Supplied material
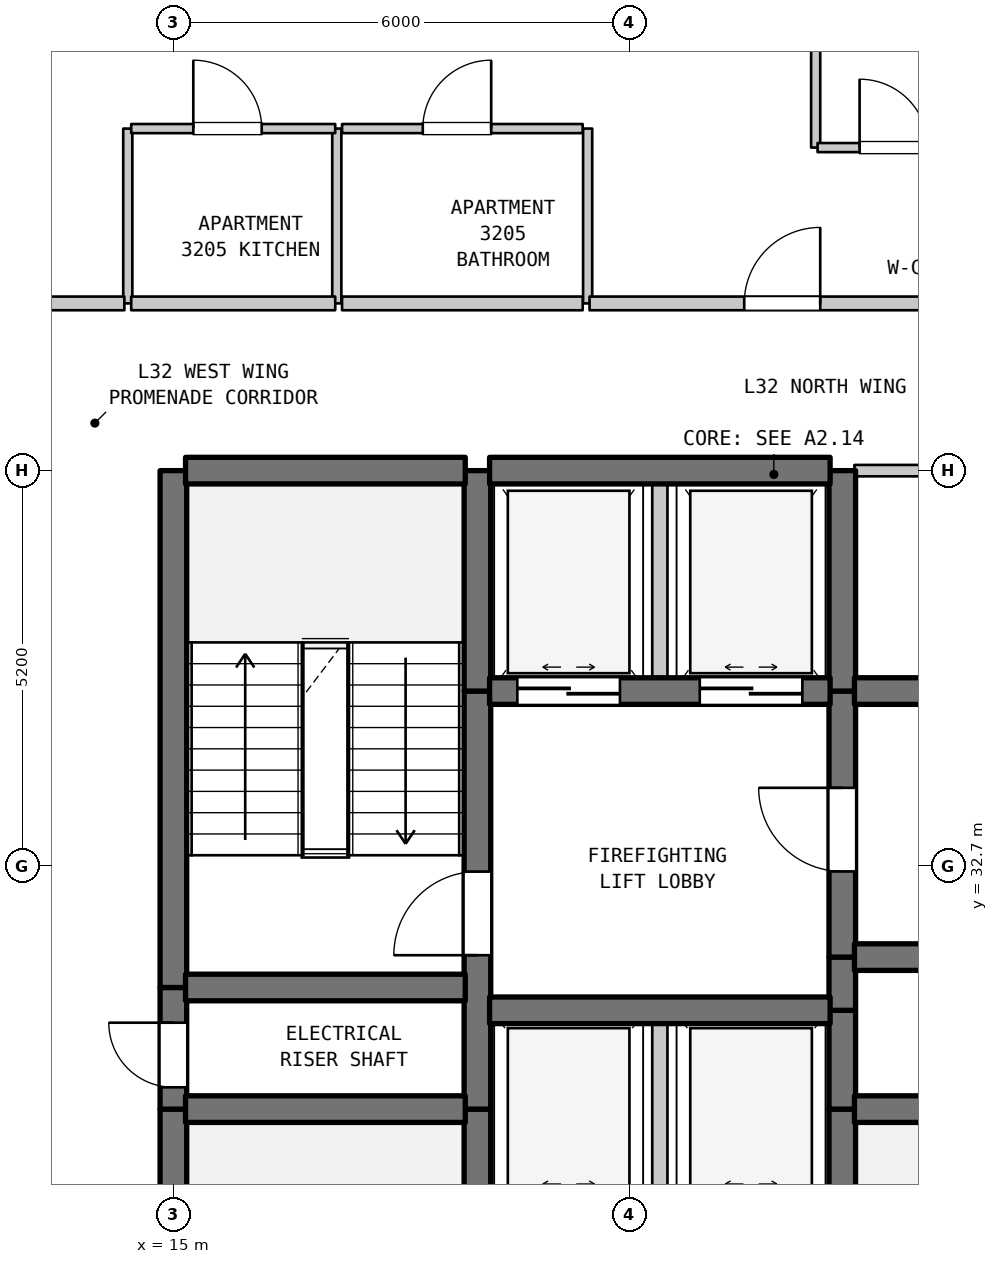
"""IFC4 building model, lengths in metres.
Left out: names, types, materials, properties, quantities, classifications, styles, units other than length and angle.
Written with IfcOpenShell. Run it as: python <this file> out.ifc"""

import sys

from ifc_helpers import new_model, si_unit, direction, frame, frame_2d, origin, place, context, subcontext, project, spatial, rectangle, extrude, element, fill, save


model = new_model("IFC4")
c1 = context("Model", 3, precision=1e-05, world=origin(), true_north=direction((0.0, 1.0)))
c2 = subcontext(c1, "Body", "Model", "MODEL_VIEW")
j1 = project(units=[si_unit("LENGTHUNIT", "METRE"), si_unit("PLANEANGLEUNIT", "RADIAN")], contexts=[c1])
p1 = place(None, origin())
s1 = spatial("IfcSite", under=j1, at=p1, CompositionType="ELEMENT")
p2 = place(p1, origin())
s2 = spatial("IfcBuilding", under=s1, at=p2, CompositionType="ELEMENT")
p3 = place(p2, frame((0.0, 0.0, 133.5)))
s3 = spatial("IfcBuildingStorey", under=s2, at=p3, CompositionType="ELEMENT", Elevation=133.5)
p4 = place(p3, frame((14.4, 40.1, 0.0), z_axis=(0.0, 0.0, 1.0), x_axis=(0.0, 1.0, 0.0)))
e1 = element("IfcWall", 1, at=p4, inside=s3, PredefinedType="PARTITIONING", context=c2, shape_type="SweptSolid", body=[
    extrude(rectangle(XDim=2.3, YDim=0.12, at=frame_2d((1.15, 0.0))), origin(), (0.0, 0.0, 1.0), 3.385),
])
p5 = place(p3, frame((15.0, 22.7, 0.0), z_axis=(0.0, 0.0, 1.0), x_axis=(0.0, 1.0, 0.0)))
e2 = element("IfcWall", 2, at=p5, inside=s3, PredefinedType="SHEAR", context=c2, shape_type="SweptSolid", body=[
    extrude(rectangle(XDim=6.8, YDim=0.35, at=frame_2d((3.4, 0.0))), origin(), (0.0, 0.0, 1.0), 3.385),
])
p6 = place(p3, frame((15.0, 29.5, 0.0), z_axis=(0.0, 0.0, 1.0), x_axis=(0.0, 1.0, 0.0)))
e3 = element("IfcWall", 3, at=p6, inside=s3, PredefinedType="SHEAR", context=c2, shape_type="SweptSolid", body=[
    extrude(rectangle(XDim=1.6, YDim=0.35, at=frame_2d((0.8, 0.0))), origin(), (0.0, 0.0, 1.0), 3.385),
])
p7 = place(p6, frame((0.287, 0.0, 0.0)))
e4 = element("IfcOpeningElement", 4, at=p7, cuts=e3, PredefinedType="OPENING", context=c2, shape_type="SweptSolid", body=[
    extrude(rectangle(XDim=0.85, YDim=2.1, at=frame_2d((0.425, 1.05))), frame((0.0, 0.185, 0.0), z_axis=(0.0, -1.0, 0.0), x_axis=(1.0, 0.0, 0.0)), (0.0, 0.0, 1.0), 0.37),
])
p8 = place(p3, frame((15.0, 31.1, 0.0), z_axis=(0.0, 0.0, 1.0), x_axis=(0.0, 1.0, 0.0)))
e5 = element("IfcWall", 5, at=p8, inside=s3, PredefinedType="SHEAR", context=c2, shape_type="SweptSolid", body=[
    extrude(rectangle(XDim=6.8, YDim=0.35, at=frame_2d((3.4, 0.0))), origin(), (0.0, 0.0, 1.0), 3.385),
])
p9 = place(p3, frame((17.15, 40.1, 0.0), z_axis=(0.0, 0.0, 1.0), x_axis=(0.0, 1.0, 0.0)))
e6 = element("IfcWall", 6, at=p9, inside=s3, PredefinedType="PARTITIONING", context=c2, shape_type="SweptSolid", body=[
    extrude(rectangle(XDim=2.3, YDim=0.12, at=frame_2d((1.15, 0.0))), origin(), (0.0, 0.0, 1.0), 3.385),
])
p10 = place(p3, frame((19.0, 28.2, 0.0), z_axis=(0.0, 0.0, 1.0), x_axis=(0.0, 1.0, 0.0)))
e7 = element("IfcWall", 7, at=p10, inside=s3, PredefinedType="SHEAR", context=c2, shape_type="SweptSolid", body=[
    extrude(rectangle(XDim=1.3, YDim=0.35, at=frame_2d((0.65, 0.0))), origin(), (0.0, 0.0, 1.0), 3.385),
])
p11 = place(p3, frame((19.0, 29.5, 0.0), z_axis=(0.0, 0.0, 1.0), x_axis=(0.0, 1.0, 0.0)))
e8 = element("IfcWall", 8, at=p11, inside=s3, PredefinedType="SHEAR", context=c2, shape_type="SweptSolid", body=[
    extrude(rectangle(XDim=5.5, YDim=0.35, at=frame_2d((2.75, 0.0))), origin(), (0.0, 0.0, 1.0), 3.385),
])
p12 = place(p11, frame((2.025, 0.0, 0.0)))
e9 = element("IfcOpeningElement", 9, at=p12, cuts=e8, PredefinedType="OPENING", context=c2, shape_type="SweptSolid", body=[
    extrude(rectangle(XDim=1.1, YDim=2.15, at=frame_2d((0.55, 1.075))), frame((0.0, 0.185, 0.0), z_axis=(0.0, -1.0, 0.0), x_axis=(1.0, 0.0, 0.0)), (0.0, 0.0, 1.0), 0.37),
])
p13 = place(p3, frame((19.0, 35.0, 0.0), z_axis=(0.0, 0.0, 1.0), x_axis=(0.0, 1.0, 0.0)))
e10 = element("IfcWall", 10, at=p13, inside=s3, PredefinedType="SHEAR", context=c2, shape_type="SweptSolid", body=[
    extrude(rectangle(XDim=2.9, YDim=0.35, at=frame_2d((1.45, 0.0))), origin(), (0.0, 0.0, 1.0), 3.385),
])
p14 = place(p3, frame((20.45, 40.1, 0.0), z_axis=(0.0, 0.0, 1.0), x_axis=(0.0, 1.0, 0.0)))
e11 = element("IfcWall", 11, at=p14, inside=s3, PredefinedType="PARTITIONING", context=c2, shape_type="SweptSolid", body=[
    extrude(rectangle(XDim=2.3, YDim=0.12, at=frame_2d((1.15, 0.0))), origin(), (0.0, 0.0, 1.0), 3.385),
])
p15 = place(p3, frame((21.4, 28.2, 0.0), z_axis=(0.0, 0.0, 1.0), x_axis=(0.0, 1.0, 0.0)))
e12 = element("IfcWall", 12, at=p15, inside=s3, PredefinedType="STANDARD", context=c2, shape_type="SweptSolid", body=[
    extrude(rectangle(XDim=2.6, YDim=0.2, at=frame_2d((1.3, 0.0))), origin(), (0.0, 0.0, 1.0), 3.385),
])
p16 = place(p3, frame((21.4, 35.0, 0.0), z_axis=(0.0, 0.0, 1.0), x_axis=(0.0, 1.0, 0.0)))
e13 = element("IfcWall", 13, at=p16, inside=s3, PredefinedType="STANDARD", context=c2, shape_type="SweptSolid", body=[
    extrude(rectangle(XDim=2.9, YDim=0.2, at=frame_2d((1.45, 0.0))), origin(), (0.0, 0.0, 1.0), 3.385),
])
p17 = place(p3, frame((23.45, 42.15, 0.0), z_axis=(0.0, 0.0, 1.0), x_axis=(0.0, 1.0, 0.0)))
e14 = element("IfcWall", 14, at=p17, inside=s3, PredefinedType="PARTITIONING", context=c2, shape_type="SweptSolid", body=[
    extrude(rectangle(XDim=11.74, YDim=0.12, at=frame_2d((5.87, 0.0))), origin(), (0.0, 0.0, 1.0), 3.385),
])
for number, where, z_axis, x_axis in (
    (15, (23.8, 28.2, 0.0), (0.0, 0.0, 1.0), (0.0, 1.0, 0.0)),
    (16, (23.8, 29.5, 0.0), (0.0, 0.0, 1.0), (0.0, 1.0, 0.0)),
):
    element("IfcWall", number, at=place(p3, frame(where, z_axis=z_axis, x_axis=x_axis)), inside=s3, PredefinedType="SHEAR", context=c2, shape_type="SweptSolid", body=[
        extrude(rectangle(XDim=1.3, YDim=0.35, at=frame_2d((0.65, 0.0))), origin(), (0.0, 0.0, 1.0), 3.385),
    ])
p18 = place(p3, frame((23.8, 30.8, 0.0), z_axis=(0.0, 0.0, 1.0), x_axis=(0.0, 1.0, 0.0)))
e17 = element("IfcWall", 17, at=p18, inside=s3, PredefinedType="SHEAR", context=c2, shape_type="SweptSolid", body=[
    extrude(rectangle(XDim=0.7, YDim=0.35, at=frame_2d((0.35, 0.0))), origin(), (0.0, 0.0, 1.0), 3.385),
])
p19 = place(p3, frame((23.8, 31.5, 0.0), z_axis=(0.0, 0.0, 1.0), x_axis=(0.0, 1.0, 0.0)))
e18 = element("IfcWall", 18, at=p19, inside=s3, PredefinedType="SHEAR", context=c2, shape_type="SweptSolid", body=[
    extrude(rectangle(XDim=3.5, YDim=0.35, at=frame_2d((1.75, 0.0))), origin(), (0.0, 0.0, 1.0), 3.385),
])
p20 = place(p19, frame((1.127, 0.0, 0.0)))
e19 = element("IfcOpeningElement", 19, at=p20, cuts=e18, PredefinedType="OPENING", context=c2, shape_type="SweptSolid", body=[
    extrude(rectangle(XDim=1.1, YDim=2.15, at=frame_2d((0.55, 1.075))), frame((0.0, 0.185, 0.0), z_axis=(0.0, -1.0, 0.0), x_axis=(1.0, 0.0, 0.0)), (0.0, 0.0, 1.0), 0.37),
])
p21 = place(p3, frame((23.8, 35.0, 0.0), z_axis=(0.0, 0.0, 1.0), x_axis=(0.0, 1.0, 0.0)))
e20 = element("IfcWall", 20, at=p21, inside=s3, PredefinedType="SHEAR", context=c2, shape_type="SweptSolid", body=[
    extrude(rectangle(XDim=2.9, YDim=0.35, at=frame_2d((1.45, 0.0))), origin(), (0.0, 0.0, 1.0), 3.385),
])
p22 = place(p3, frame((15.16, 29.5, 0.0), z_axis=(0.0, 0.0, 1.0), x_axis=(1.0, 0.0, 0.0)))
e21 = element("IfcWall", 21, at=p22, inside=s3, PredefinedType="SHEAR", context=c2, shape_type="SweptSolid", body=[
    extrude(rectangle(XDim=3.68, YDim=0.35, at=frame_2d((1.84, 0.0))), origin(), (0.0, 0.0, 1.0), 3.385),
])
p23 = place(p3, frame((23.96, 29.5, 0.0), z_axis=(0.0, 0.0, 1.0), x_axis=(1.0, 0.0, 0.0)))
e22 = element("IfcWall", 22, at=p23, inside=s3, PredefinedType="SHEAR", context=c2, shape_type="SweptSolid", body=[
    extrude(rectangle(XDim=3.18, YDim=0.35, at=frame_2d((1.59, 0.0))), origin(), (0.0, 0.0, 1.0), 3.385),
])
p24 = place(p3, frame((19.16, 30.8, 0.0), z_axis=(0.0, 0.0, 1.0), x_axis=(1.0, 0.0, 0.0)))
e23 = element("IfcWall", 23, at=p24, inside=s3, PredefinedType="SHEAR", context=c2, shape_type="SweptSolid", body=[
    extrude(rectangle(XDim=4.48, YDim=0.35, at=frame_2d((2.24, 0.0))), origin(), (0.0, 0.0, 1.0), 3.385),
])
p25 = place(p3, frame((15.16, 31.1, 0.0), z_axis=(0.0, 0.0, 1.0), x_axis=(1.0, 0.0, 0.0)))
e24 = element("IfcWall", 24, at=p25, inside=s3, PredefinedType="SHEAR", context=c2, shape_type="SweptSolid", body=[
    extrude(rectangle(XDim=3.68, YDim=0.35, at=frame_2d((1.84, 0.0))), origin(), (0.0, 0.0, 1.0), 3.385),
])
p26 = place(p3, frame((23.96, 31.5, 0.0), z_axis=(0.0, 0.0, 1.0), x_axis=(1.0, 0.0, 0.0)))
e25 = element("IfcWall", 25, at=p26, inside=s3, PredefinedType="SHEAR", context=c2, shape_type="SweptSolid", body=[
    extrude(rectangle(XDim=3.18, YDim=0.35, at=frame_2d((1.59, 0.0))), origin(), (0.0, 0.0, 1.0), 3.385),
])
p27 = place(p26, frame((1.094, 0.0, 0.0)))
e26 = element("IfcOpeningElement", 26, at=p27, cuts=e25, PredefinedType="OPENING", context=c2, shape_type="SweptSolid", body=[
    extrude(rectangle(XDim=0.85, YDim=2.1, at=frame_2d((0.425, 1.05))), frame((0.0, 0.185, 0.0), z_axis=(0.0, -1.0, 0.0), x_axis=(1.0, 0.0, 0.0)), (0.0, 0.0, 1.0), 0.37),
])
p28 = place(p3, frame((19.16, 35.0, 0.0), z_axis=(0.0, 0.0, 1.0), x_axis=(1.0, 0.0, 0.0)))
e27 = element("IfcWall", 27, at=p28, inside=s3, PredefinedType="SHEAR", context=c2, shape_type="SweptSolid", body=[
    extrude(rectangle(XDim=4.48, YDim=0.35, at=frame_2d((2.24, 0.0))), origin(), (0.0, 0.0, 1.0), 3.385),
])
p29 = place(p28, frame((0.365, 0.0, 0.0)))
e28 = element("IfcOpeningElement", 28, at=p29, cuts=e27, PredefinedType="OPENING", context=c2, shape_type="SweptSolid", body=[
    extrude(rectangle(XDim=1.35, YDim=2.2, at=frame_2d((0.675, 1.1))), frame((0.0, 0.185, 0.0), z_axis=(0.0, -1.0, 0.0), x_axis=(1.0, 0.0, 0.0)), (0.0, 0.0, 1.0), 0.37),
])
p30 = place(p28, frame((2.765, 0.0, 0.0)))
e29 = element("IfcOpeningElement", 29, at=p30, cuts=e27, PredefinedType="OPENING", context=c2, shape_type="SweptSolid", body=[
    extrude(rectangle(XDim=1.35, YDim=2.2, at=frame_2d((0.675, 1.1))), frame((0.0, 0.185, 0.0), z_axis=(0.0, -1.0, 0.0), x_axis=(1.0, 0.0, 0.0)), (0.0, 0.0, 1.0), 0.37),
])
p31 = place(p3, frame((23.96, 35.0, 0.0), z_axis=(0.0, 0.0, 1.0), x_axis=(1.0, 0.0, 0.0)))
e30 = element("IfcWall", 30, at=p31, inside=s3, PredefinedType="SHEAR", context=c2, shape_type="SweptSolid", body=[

Work instruction
For the listing above, state how many lines contain the string "subcontext". Give the number and nothing else.

Answer space
2